#### Material for this exercise

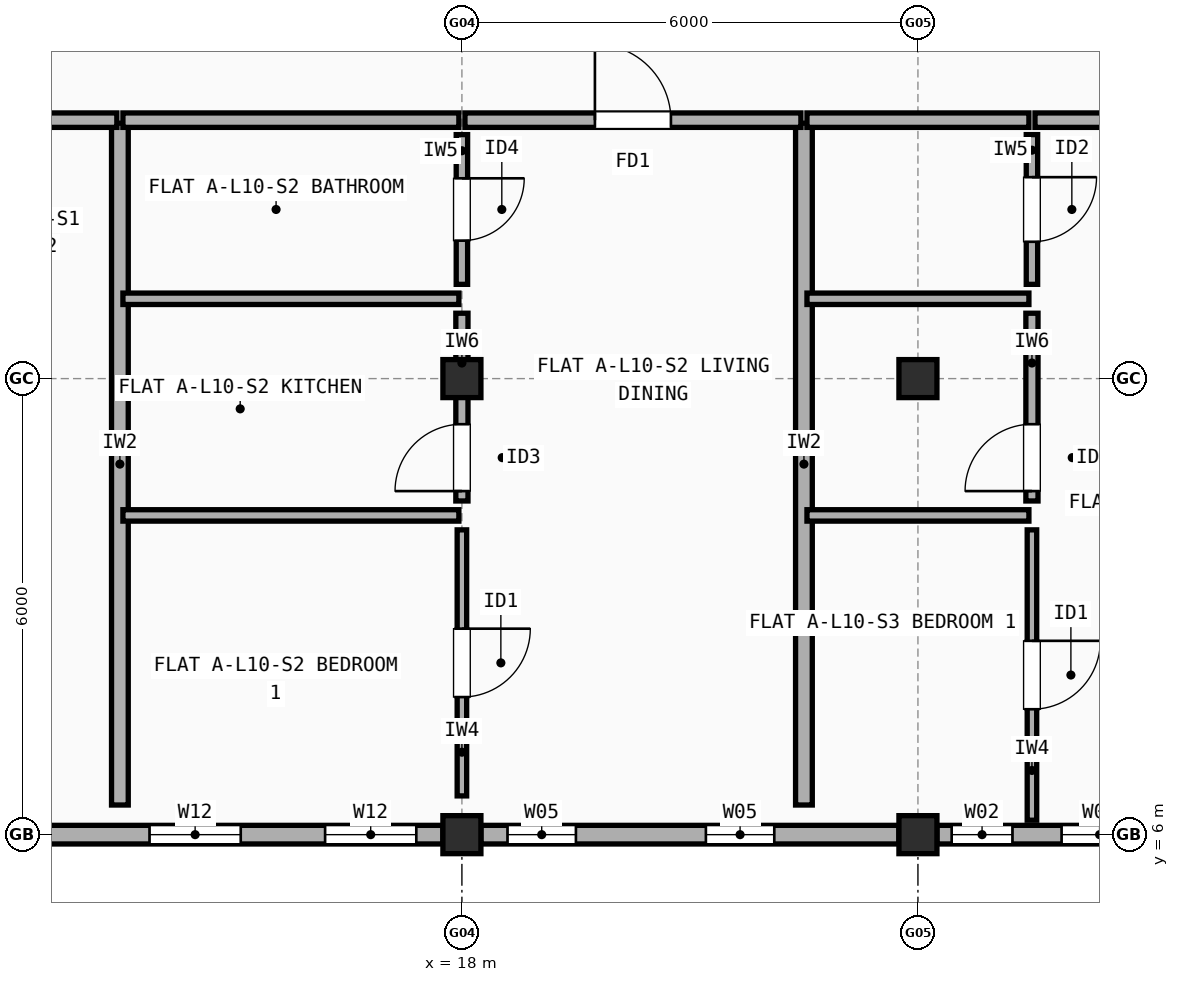
"""IFC4 building model, lengths in metres.
Left out: names, types, materials, properties, quantities, classifications, styles, units other than length and angle.
Written with IfcOpenShell. Run it as: python <this file> out.ifc"""

import sys

from ifc_helpers import new_model, si_unit, direction, frame, frame_2d, origin, origin_2d, place, context, subcontext, project, spatial, rectangle, extrude, element, fill, save


model = new_model("IFC4")
c1 = context("Model", 3, precision=1e-05, world=origin(), true_north=direction((0.0, 1.0)))
c2 = subcontext(c1, "Body", "Model", "MODEL_VIEW")
j1 = project(units=[si_unit("LENGTHUNIT", "METRE"), si_unit("PLANEANGLEUNIT", "RADIAN")], contexts=[c1])
p1 = place(None, origin())
s1 = spatial("IfcSite", under=j1, at=p1, CompositionType="ELEMENT")
p2 = place(p1, origin())
s2 = spatial("IfcBuilding", under=s1, at=p2, CompositionType="ELEMENT")
p3 = place(p2, frame((0.0, 0.0, 33.3)))
s3 = spatial("IfcBuildingStorey", under=s2, at=p3, CompositionType="ELEMENT", Elevation=33.3)
for number, where, z_axis, x_axis in (
    (1, (18.0, 6.0, 0.0), (0.0, 0.0, 1.0), (1.0, 0.0, 0.0)),
    (2, (18.0, 12.0, 0.0), (0.0, 0.0, 1.0), (1.0, 0.0, 0.0)),
    (3, (24.0, 6.0, 0.0), (0.0, 0.0, 1.0), (1.0, 0.0, 0.0)),
    (4, (24.0, 12.0, 0.0), (0.0, 0.0, 1.0), (1.0, 0.0, 0.0)),
):
    element("IfcColumn", number, at=place(p3, frame(where, z_axis=z_axis, x_axis=x_axis)), inside=s3, PredefinedType="COLUMN", context=c2, shape_type="SweptSolid", body=[
        extrude(rectangle(XDim=0.5, YDim=0.5, at=origin_2d()), origin(), (0.0, 0.0, 1.0), 2.99),
    ])
p4 = place(p3, frame((12.25, 6.0, 0.0), z_axis=(0.0, 0.0, 1.0), x_axis=(1.0, 0.0, 0.0)))
e5 = element("IfcWall", 5, at=p4, inside=s3, PredefinedType="STANDARD", context=c2, shape_type="SweptSolid", body=[
    extrude(rectangle(XDim=5.5, YDim=0.245, at=frame_2d((2.75, 0.0))), origin(), (0.0, 0.0, 1.0), 2.472),
])
p5 = place(p4, frame((1.64, 0.0, 0.9)))
e6 = element("IfcOpeningElement", 6, at=p5, cuts=e5, PredefinedType="OPENING", context=c2, shape_type="SweptSolid", body=[
    extrude(rectangle(XDim=1.2, YDim=1.35, at=frame_2d((0.6, 0.675))), frame((0.0, 0.133, 0.0), z_axis=(0.0, -1.0, 0.0), x_axis=(1.0, 0.0, 0.0)), (0.0, 0.0, 1.0), 0.265),
])
p6 = place(p4, frame((3.95, 0.0, 0.9)))
e7 = element("IfcOpeningElement", 7, at=p6, cuts=e5, PredefinedType="OPENING", context=c2, shape_type="SweptSolid", body=[
    extrude(rectangle(XDim=1.2, YDim=1.35, at=frame_2d((0.6, 0.675))), frame((0.0, 0.133, 0.0), z_axis=(0.0, -1.0, 0.0), x_axis=(1.0, 0.0, 0.0)), (0.0, 0.0, 1.0), 0.265),
])
p7 = place(p3, frame((18.25, 6.0, 0.0), z_axis=(0.0, 0.0, 1.0), x_axis=(1.0, 0.0, 0.0)))
e8 = element("IfcWall", 8, at=p7, inside=s3, PredefinedType="STANDARD", context=c2, shape_type="SweptSolid", body=[
    extrude(rectangle(XDim=5.5, YDim=0.245, at=frame_2d((2.75, 0.0))), origin(), (0.0, 0.0, 1.0), 2.472),
])
p8 = place(p7, frame((0.35, 0.0, 0.9)))
e9 = element("IfcOpeningElement", 9, at=p8, cuts=e8, PredefinedType="OPENING", context=c2, shape_type="SweptSolid", body=[
    extrude(rectangle(XDim=0.9, YDim=1.4, at=frame_2d((0.45, 0.7))), frame((0.0, 0.133, 0.0), z_axis=(0.0, -1.0, 0.0), x_axis=(1.0, 0.0, 0.0)), (0.0, 0.0, 1.0), 0.265),
])
p9 = place(p7, frame((2.96, 0.0, 0.9)))
e10 = element("IfcOpeningElement", 10, at=p9, cuts=e8, PredefinedType="OPENING", context=c2, shape_type="SweptSolid", body=[
    extrude(rectangle(XDim=0.9, YDim=1.4, at=frame_2d((0.45, 0.7))), frame((0.0, 0.133, 0.0), z_axis=(0.0, -1.0, 0.0), x_axis=(1.0, 0.0, 0.0)), (0.0, 0.0, 1.0), 0.265),
])
p10 = place(p3, frame((24.25, 6.0, 0.0), z_axis=(0.0, 0.0, 1.0), x_axis=(1.0, 0.0, 0.0)))
e11 = element("IfcWall", 11, at=p10, inside=s3, PredefinedType="STANDARD", context=c2, shape_type="SweptSolid", body=[
    extrude(rectangle(XDim=5.525, YDim=0.245, at=frame_2d((2.762, 0.0))), origin(), (0.0, 0.0, 1.0), 2.472),
])
p11 = place(p10, frame((1.64, 0.0, 0.9)))
e12 = element("IfcOpeningElement", 12, at=p11, cuts=e11, PredefinedType="OPENING", context=c2, shape_type="SweptSolid", body=[
    extrude(rectangle(XDim=1.0, YDim=1.4, at=frame_2d((0.5, 0.7))), frame((0.0, 0.133, 0.0), z_axis=(0.0, -1.0, 0.0), x_axis=(1.0, 0.0, 0.0)), (0.0, 0.0, 1.0), 0.265),
])
p12 = place(p10, frame((4.175, 0.0, 0.9)))
e13 = element("IfcOpeningElement", 13, at=p12, cuts=e11, PredefinedType="OPENING", context=c2, shape_type="SweptSolid", body=[
    extrude(rectangle(XDim=1.0, YDim=1.4, at=frame_2d((0.5, 0.7))), frame((0.0, 0.133, 0.0), z_axis=(0.0, -1.0, 0.0), x_axis=(1.0, 0.0, 0.0)), (0.0, 0.0, 1.0), 0.265),
])
p13 = place(p10, frame((0.194, 0.0, 0.9)))
e14 = element("IfcOpeningElement", 14, at=p13, cuts=e11, PredefinedType="OPENING", context=c2, shape_type="SweptSolid", body=[
    extrude(rectangle(XDim=0.8, YDim=1.2, at=frame_2d((0.4, 0.6))), frame((0.0, 0.133, 0.0), z_axis=(0.0, -1.0, 0.0), x_axis=(1.0, 0.0, 0.0)), (0.0, 0.0, 1.0), 0.265),
])
p14 = place(p3, frame((13.5, 6.39, 0.0), z_axis=(0.0, 0.0, 1.0), x_axis=(0.0, 1.0, 0.0)))
e15 = element("IfcWall", 15, at=p14, inside=s3, PredefinedType="SOLIDWALL", context=c2, shape_type="SweptSolid", body=[
    extrude(rectangle(XDim=8.97, YDim=0.22, at=frame_2d((4.485, 0.0))), origin(), (0.0, 0.0, 1.0), 2.408),
])
p15 = place(p3, frame((10.54, 15.4, 0.0), z_axis=(0.0, 0.0, 1.0), x_axis=(1.0, 0.0, 0.0)))
e16 = element("IfcWall", 16, at=p15, inside=s3, PredefinedType="SOLIDWALL", context=c2, shape_type="SweptSolid", body=[
    extrude(rectangle(XDim=2.92, YDim=0.19, at=frame_2d((1.46, 0.0))), origin(), (0.0, 0.0, 1.0), 2.548),
])
p16 = place(p3, frame((22.5, 6.39, 0.0), z_axis=(0.0, 0.0, 1.0), x_axis=(0.0, 1.0, 0.0)))
e17 = element("IfcWall", 17, at=p16, inside=s3, PredefinedType="SOLIDWALL", context=c2, shape_type="SweptSolid", body=[
    extrude(rectangle(XDim=8.97, YDim=0.22, at=frame_2d((4.485, 0.0))), origin(), (0.0, 0.0, 1.0), 2.548),
])
p17 = place(p3, frame((13.54, 15.4, 0.0), z_axis=(0.0, 0.0, 1.0), x_axis=(1.0, 0.0, 0.0)))
e18 = element("IfcWall", 18, at=p17, inside=s3, PredefinedType="SOLIDWALL", context=c2, shape_type="SweptSolid", body=[
    extrude(rectangle(XDim=4.42, YDim=0.19, at=frame_2d((2.21, 0.0))), origin(), (0.0, 0.0, 1.0), 2.508),
])
p18 = place(p3, frame((18.04, 15.4, 0.0), z_axis=(0.0, 0.0, 1.0), x_axis=(1.0, 0.0, 0.0)))
e19 = element("IfcWall", 19, at=p18, inside=s3, PredefinedType="SOLIDWALL", context=c2, shape_type="SweptSolid", body=[
    extrude(rectangle(XDim=4.42, YDim=0.19, at=frame_2d((2.21, 0.0))), origin(), (0.0, 0.0, 1.0), 2.508),
])
p19 = place(p18, frame((1.71, 0.0, 0.0)))
e20 = element("IfcOpeningElement", 20, at=p19, cuts=e19, PredefinedType="OPENING", context=c2, shape_type="SweptSolid", body=[
    extrude(rectangle(XDim=1.0, YDim=2.15, at=frame_2d((0.5, 1.075))), frame((0.0, 0.105, 0.0), z_axis=(0.0, -1.0, 0.0), x_axis=(1.0, 0.0, 0.0)), (0.0, 0.0, 1.0), 0.21),
])
p20 = place(p3, frame((18.0, 6.51, 0.0), z_axis=(0.0, 0.0, 1.0), x_axis=(0.0, 1.0, 0.0)))
e21 = element("IfcWall", 21, at=p20, inside=s3, PredefinedType="PARTITIONING", context=c2, shape_type="SweptSolid", body=[
    extrude(rectangle(XDim=3.5, YDim=0.125, at=frame_2d((1.75, 0.0))), origin(), (0.0, 0.0, 1.0), 2.548),
])
p21 = place(p20, frame((1.3, 0.0, 0.0)))
e22 = element("IfcOpeningElement", 22, at=p21, cuts=e21, PredefinedType="OPENING", context=c2, shape_type="SweptSolid", body=[
    extrude(rectangle(XDim=0.9, YDim=2.1, at=frame_2d((0.45, 1.05))), frame((0.0, 0.073, 0.0), z_axis=(0.0, -1.0, 0.0), x_axis=(1.0, 0.0, 0.0)), (0.0, 0.0, 1.0), 0.145),
])
p22 = place(p3, frame((18.0, 10.39, 0.0), z_axis=(0.0, 0.0, 1.0), x_axis=(0.0, 1.0, 0.0)))
e23 = element("IfcWall", 23, at=p22, inside=s3, PredefinedType="PLUMBINGWALL", context=c2, shape_type="SweptSolid", body=[
    extrude(rectangle(XDim=2.47, YDim=0.16, at=frame_2d((1.235, 0.0))), origin(), (0.0, 0.0, 1.0), 2.508),
])
p23 = place(p22, frame((0.13, 0.0, 0.0)))
e24 = element("IfcOpeningElement", 24, at=p23, cuts=e23, PredefinedType="OPENING", context=c2, shape_type="SweptSolid", body=[
    extrude(rectangle(XDim=0.88, YDim=2.1, at=frame_2d((0.44, 1.05))), frame((0.0, 0.09, 0.0), z_axis=(0.0, -1.0, 0.0), x_axis=(1.0, 0.0, 0.0)), (0.0, 0.0, 1.0), 0.18),
])
p24 = place(p3, frame((18.0, 13.24, 0.0), z_axis=(0.0, 0.0, 1.0), x_axis=(0.0, 1.0, 0.0)))
e25 = element("IfcWall", 25, at=p24, inside=s3, PredefinedType="PARTITIONING", context=c2, shape_type="SweptSolid", body=[
    extrude(rectangle(XDim=1.97, YDim=0.15, at=frame_2d((0.985, 0.0))), origin(), (0.0, 0.0, 1.0), 2.508),
])
p25 = place(p24, frame((0.575, 0.0, 0.0)))
e26 = element("IfcOpeningElement", 26, at=p25, cuts=e25, PredefinedType="OPENING", context=c2, shape_type="SweptSolid", body=[
    extrude(rectangle(XDim=0.82, YDim=2.08, at=frame_2d((0.41, 1.04))), frame((0.0, 0.085, 0.0), z_axis=(0.0, -1.0, 0.0), x_axis=(1.0, 0.0, 0.0)), (0.0, 0.0, 1.0), 0.17),
])
p26 = place(p3, frame((13.54, 10.2, 0.0), z_axis=(0.0, 0.0, 1.0), x_axis=(1.0, 0.0, 0.0)))
e27 = element("IfcWall", 27, at=p26, inside=s3, PredefinedType="PARTITIONING", context=c2, shape_type="SweptSolid", body=[
    extrude(rectangle(XDim=4.42, YDim=0.15, at=frame_2d((2.21, 0.0))), origin(), (0.0, 0.0, 1.0), 2.548),
])
p27 = place(p3, frame((13.54, 13.05, 0.0), z_axis=(0.0, 0.0, 1.0), x_axis=(1.0, 0.0, 0.0)))
e28 = element("IfcWall", 28, at=p27, inside=s3, PredefinedType="PARTITIONING", context=c2, shape_type="SweptSolid", body=[
    extrude(rectangle(XDim=4.42, YDim=0.15, at=frame_2d((2.21, 0.0))), origin(), (0.0, 0.0, 1.0), 2.508),
])
p28 = place(p3, frame((22.54, 15.4, 0.0), z_axis=(0.0, 0.0, 1.0), x_axis=(1.0, 0.0, 0.0)))
e29 = element("IfcWall", 29, at=p28, inside=s3, PredefinedType="SOLIDWALL", context=c2, shape_type="SweptSolid", body=[
    extrude(rectangle(XDim=2.92, YDim=0.19, at=frame_2d((1.46, 0.0))), origin(), (0.0, 0.0, 1.0), 2.508),
])
p29 = place(p3, frame((25.54, 15.4, 0.0), z_axis=(0.0, 0.0, 1.0), x_axis=(1.0, 0.0, 0.0)))
e30 = element("IfcWall", 30, at=p29, inside=s3, PredefinedType="SOLIDWALL", context=c2, shape_type="SweptSolid", body=[
    extrude(rectangle(XDim=4.42, YDim=0.19, at=frame_2d((2.21, 0.0))), origin(), (0.0, 0.0, 1.0), 2.472),
])
p30 = place(p29, frame((1.72, 0.0, 0.0)))
e31 = element("IfcOpeningElement", 31, at=p30, cuts=e30, PredefinedType="OPENING", context=c2, shape_type="SweptSolid", body=[
    extrude(rectangle(XDim=0.98, YDim=2.15, at=frame_2d((0.49, 1.075))), frame((0.0, 0.105, 0.0), z_axis=(0.0, -1.0, 0.0), x_axis=(1.0, 0.0, 0.0)), (0.0, 0.0, 1.0), 0.21),
])
p31 = place(p3, frame((25.5, 6.19, 0.0), z_axis=(0.0, 0.0, 1.0), x_axis=(0.0, 1.0, 0.0)))
e32 = element("IfcWall", 32, at=p31, inside=s3, PredefinedType="PARTITIONING", context=c2, shape_type="SweptSolid", body=[
    extrude(rectangle(XDim=3.82, YDim=0.125, at=frame_2d((1.91, 0.0))), origin(), (0.0, 0.0, 1.0), 2.99),
])
p32 = place(p31, frame((1.46, 0.0, 0.0)))
e33 = element("IfcOpeningElement", 33, at=p32, cuts=e32, PredefinedType="OPENING", context=c2, shape_type="SweptSolid", body=[
    extrude(rectangle(XDim=0.9, YDim=2.1, at=frame_2d((0.45, 1.05))), frame((0.0, 0.073, 0.0), z_axis=(0.0, -1.0, 0.0), x_axis=(1.0, 0.0, 0.0)), (0.0, 0.0, 1.0), 0.145),
])
p33 = place(p3, frame((25.5, 10.39, 0.0), z_axis=(0.0, 0.0, 1.0), x_axis=(0.0, 1.0, 0.0)))
e34 = element("IfcWall", 34, at=p33, inside=s3, PredefinedType="PLUMBINGWALL", context=c2, shape_type="SweptSolid", body=[
    extrude(rectangle(XDim=2.47, YDim=0.16, at=frame_2d((1.235, 0.0))), origin(), (0.0, 0.0, 1.0), 2.508),
])
p34 = place(p33, frame((0.13, 0.0, 0.0)))
e35 = element("IfcOpeningElement", 35, at=p34, cuts=e34, PredefinedType="OPENING", context=c2, shape_type="SweptSolid", body=[
    extrude(rectangle(XDim=0.88, YDim=2.1, at=frame_2d((0.44, 1.05))), frame((0.0, 0.09, 0.0), z_axis=(0.0, -1.0, 0.0), x_axis=(1.0, 0.0, 0.0)), (0.0, 0.0, 1.0), 0.18),
])
p35 = place(p3, frame((25.5, 13.24, 0.0), z_axis=(0.0, 0.0, 1.0), x_axis=(0.0, 1.0, 0.0)))
e36 = element("IfcWall", 36, at=p35, inside=s3, PredefinedType="PARTITIONING", context=c2, shape_type="SweptSolid", body=[
    extrude(rectangle(XDim=1.97, YDim=0.15, at=frame_2d((0.985, 0.0))), origin(), (0.0, 0.0, 1.0), 2.99),
])
p36 = place(p35, frame((0.56, 0.0, 0.0)))
e37 = element("IfcOpeningElement", 37, at=p36, cuts=e36, PredefinedType="OPENING", context=c2, shape_type="SweptSolid", body=[
    extrude(rectangle(XDim=0.85, YDim=2.1, at=frame_2d((0.425, 1.05))), frame((0.0, 0.085, 0.0), z_axis=(0.0, -1.0, 0.0), x_axis=(1.0, 0.0, 0.0)), (0.0, 0.0, 1.0), 0.17),
])
p37 = place(p3, frame((22.54, 10.2, 0.0), z_axis=(0.0, 0.0, 1.0), x_axis=(1.0, 0.0, 0.0)))
e38 = element("IfcWall", 38, at=p37, inside=s3, PredefinedType="PARTITIONING", context=c2, shape_type="SweptSolid", body=[
    extrude(rectangle(XDim=2.92, YDim=0.15, at=frame_2d((1.46, 0.0))), origin(), (0.0, 0.0, 1.0), 2.548),
])
p38 = place(p3, frame((22.54, 13.05, 0.0), z_axis=(0.0, 0.0, 1.0), x_axis=(1.0, 0.0, 0.0)))
e39 = element("IfcWall", 39, at=p38, inside=s3, PredefinedType="PARTITIONING", context=c2, shape_type="SweptSolid", body=[
    extrude(rectangle(XDim=2.92, YDim=0.15, at=frame_2d((1.46, 0.0))), origin(), (0.0, 0.0, 1.0), 2.508),
])
p39 = place(p5, origin())
e40 = element("IfcWindow", 40, at=p39, inside=s3, PartitioningType="SINGLE_PANEL", PredefinedType="WINDOW", context=c2, shape_type="SweptSolid", body=[
    extrude(rectangle(XDim=1.2, YDim=1.35, at=frame_2d((0.6, 0.675))), frame((0.0, 0.03, 0.0), z_axis=(0.0, -1.0, 0.0), x_axis=(1.0, 0.0, 0.0)), (0.0, 0.0, 1.0), 0.06),
])
fill(e6, e40)
p40 = place(p6, origin())
e41 = element("IfcWindow", 41, at=p40, inside=s3, PartitioningType="SINGLE_PANEL", PredefinedType="WINDOW", context=c2, shape_type="SweptSolid", body=[
    extrude(rectangle(XDim=1.2, YDim=1.35, at=frame_2d((0.6, 0.675))), frame((0.0, 0.03, 0.0), z_axis=(0.0, -1.0, 0.0), x_axis=(1.0, 0.0, 0.0)), (0.0, 0.0, 1.0), 0.06),
])
fill(e7, e41)
p41 = place(p8, origin())
e42 = element("IfcWindow", 42, at=p41, inside=s3, PartitioningType="SINGLE_PANEL", PredefinedType="WINDOW", context=c2, shape_type="SweptSolid", body=[
    extrude(rectangle(XDim=0.9, YDim=1.4, at=frame_2d((0.45, 0.7))), frame((0.0, 0.03, 0.0), z_axis=(0.0, -1.0, 0.0), x_axis=(1.0, 0.0, 0.0)), (0.0, 0.0, 1.0), 0.06),
])
fill(e9, e42)
p42 = place(p9, origin())
e43 = element("IfcWindow", 43, at=p42, inside=s3, PartitioningType="SINGLE_PANEL", PredefinedType="WINDOW", context=c2, shape_type="SweptSolid", body=[
    extrude(rectangle(XDim=0.9, YDim=1.4, at=frame_2d((0.45, 0.7))), frame((0.0, 0.03, 0.0), z_axis=(0.0, -1.0, 0.0), x_axis=(1.0, 0.0, 0.0)), (0.0, 0.0, 1.0), 0.06),
])
fill(e10, e43)
p43 = place(p11, origin())
e44 = element("IfcWindow", 44, at=p43, inside=s3, PartitioningType="SINGLE_PANEL", PredefinedType="WINDOW", context=c2, shape_type="SweptSolid", body=[
    extrude(rectangle(XDim=1.0, YDim=1.4, at=frame_2d((0.5, 0.7))), frame((0.0, 0.03, 0.0), z_axis=(0.0, -1.0, 0.0), x_axis=(1.0, 0.0, 0.0)), (0.0, 0.0, 1.0), 0.06),
])
fill(e12, e44)
p44 = place(p13, origin())
e45 = element("IfcWindow", 45, at=p44, inside=s3, PartitioningType="SINGLE_PANEL", PredefinedType="WINDOW", context=c2, shape_type="SweptSolid", body=[
    extrude(rectangle(XDim=0.8, YDim=1.2, at=frame_2d((0.4, 0.6))), frame((0.0, 0.03, 0.0), z_axis=(0.0, -1.0, 0.0), x_axis=(1.0, 0.0, 0.0)), (0.0, 0.0, 1.0), 0.06),
])
fill(e14, e45)
p45 = place(p19, origin())
e46 = element("IfcDoor", 46, at=p45, inside=s3, OperationType="SINGLE_SWING_LEFT", PredefinedType="DOOR", context=c2, shape_type="SweptSolid", body=[
    extrude(rectangle(XDim=1.0, YDim=2.15, at=frame_2d((0.5, 1.075))), frame((0.0, 0.025, 0.0), z_axis=(0.0, -1.0, 0.0), x_axis=(1.0, 0.0, 0.0)), (0.0, 0.0, 1.0), 0.05),
])
fill(e20, e46)
p46 = place(p21, origin())
e47 = element("IfcDoor", 47, at=p46, inside=s3, OperationType="SINGLE_SWING_RIGHT", PredefinedType="DOOR", context=c2, shape_type="SweptSolid", body=[
    extrude(rectangle(XDim=0.9, YDim=2.1, at=frame_2d((0.45, 1.05))), frame((0.0, 0.025, 0.0), z_axis=(0.0, -1.0, 0.0), x_axis=(1.0, 0.0, 0.0)), (0.0, 0.0, 1.0), 0.05),
])
fill(e22, e47)
p47 = place(p23, origin())
e48 = element("IfcDoor", 48, at=p47, inside=s3, OperationType="SINGLE_SWING_LEFT", PredefinedType="DOOR", context=c2, shape_type="SweptSolid", body=[
    extrude(rectangle(XDim=0.88, YDim=2.1, at=frame_2d((0.44, 1.05))), frame((0.0, 0.025, 0.0), z_axis=(0.0, -1.0, 0.0), x_axis=(1.0, 0.0, 0.0)), (0.0, 0.0, 1.0), 0.05),
])
fill(e24, e48)
p48 = place(p25, origin())
e49 = element("IfcDoor", 49, at=p48, inside=s3, OperationType="SINGLE_SWING_RIGHT", PredefinedType="DOOR", context=c2, shape_type="SweptSolid", body=[
    extrude(rectangle(XDim=0.82, YDim=2.08, at=frame_2d((0.41, 1.04))), frame((0.0, 0.025, 0.0), z_axis=(0.0, -1.0, 0.0), x_axis=(1.0, 0.0, 0.0)), (0.0, 0.0, 1.0), 0.05),
])
fill(e26, e49)
p49 = place(p32, origin())
e50 = element("IfcDoor", 50, at=p49, inside=s3, OperationType="SINGLE_SWING_RIGHT", PredefinedType="DOOR", context=c2, shape_type="SweptSolid", body=[
    extrude(rectangle(XDim=0.9, YDim=2.1, at=frame_2d((0.45, 1.05))), frame((0.0, 0.025, 0.0), z_axis=(0.0, -1.0, 0.0), x_axis=(1.0, 0.0, 0.0)), (0.0, 0.0, 1.0), 0.05),
])
fill(e33, e50)
p50 = place(p34, origin())
e51 = element("IfcDoor", 51, at=p50, inside=s3, OperationType="SINGLE_SWING_LEFT", PredefinedType="DOOR", context=c2, shape_type="SweptSolid", body=[
    extrude(rectangle(XDim=0.88, YDim=2.1, at=frame_2d((0.44, 1.05))), frame((0.0, 0.025, 0.0), z_axis=(0.0, -1.0, 0.0), x_axis=(1.0, 0.0, 0.0)), (0.0, 0.0, 1.0), 0.05),
])
fill(e35, e51)
p51 = place(p36, origin())
e52 = element("IfcDoor", 52, at=p51, inside=s3, OperationType="SINGLE_SWING_RIGHT", PredefinedType="DOOR", context=c2, shape_type="SweptSolid", body=[
    extrude(rectangle(XDim=0.85, YDim=2.1, at=frame_2d((0.425, 1.05))), frame((0.0, 0.025, 0.0), z_axis=(0.0, -1.0, 0.0), x_axis=(1.0, 0.0, 0.0)), (0.0, 0.0, 1.0), 0.05),
])
fill(e37, e52)
save(model, sys.argv[1])

########

* _What you should do_
In the listing above, locate the line containing "fill(e20, e46)" and the line containing "p51 = place(p36, origin())", then transcribe both and every line between them verbatim.

* _Problem solution_
fill(e20, e46)
p46 = place(p21, origin())
e47 = element("IfcDoor", 47, at=p46, inside=s3, OperationType="SINGLE_SWING_RIGHT", PredefinedType="DOOR", context=c2, shape_type="SweptSolid", body=[
    extrude(rectangle(XDim=0.9, YDim=2.1, at=frame_2d((0.45, 1.05))), frame((0.0, 0.025, 0.0), z_axis=(0.0, -1.0, 0.0), x_axis=(1.0, 0.0, 0.0)), (0.0, 0.0, 1.0), 0.05),
])
fill(e22, e47)
p47 = place(p23, origin())
e48 = element("IfcDoor", 48, at=p47, inside=s3, OperationType="SINGLE_SWING_LEFT", PredefinedType="DOOR", context=c2, shape_type="SweptSolid", body=[
    extrude(rectangle(XDim=0.88, YDim=2.1, at=frame_2d((0.44, 1.05))), frame((0.0, 0.025, 0.0), z_axis=(0.0, -1.0, 0.0), x_axis=(1.0, 0.0, 0.0)), (0.0, 0.0, 1.0), 0.05),
])
fill(e24, e48)
p48 = place(p25, origin())
e49 = element("IfcDoor", 49, at=p48, inside=s3, OperationType="SINGLE_SWING_RIGHT", PredefinedType="DOOR", context=c2, shape_type="SweptSolid", body=[
    extrude(rectangle(XDim=0.82, YDim=2.08, at=frame_2d((0.41, 1.04))), frame((0.0, 0.025, 0.0), z_axis=(0.0, -1.0, 0.0), x_axis=(1.0, 0.0, 0.0)), (0.0, 0.0, 1.0), 0.05),
])
fill(e26, e49)
p49 = place(p32, origin())
e50 = element("IfcDoor", 50, at=p49, inside=s3, OperationType="SINGLE_SWING_RIGHT", PredefinedType="DOOR", context=c2, shape_type="SweptSolid", body=[
    extrude(rectangle(XDim=0.9, YDim=2.1, at=frame_2d((0.45, 1.05))), frame((0.0, 0.025, 0.0), z_axis=(0.0, -1.0, 0.0), x_axis=(1.0, 0.0, 0.0)), (0.0, 0.0, 1.0), 0.05),
])
fill(e33, e50)
p50 = place(p34, origin())
e51 = element("IfcDoor", 51, at=p50, inside=s3, OperationType="SINGLE_SWING_LEFT", PredefinedType="DOOR", context=c2, shape_type="SweptSolid", body=[
    extrude(rectangle(XDim=0.88, YDim=2.1, at=frame_2d((0.44, 1.05))), frame((0.0, 0.025, 0.0), z_axis=(0.0, -1.0, 0.0), x_axis=(1.0, 0.0, 0.0)), (0.0, 0.0, 1.0), 0.05),
])
fill(e35, e51)
p51 = place(p36, origin())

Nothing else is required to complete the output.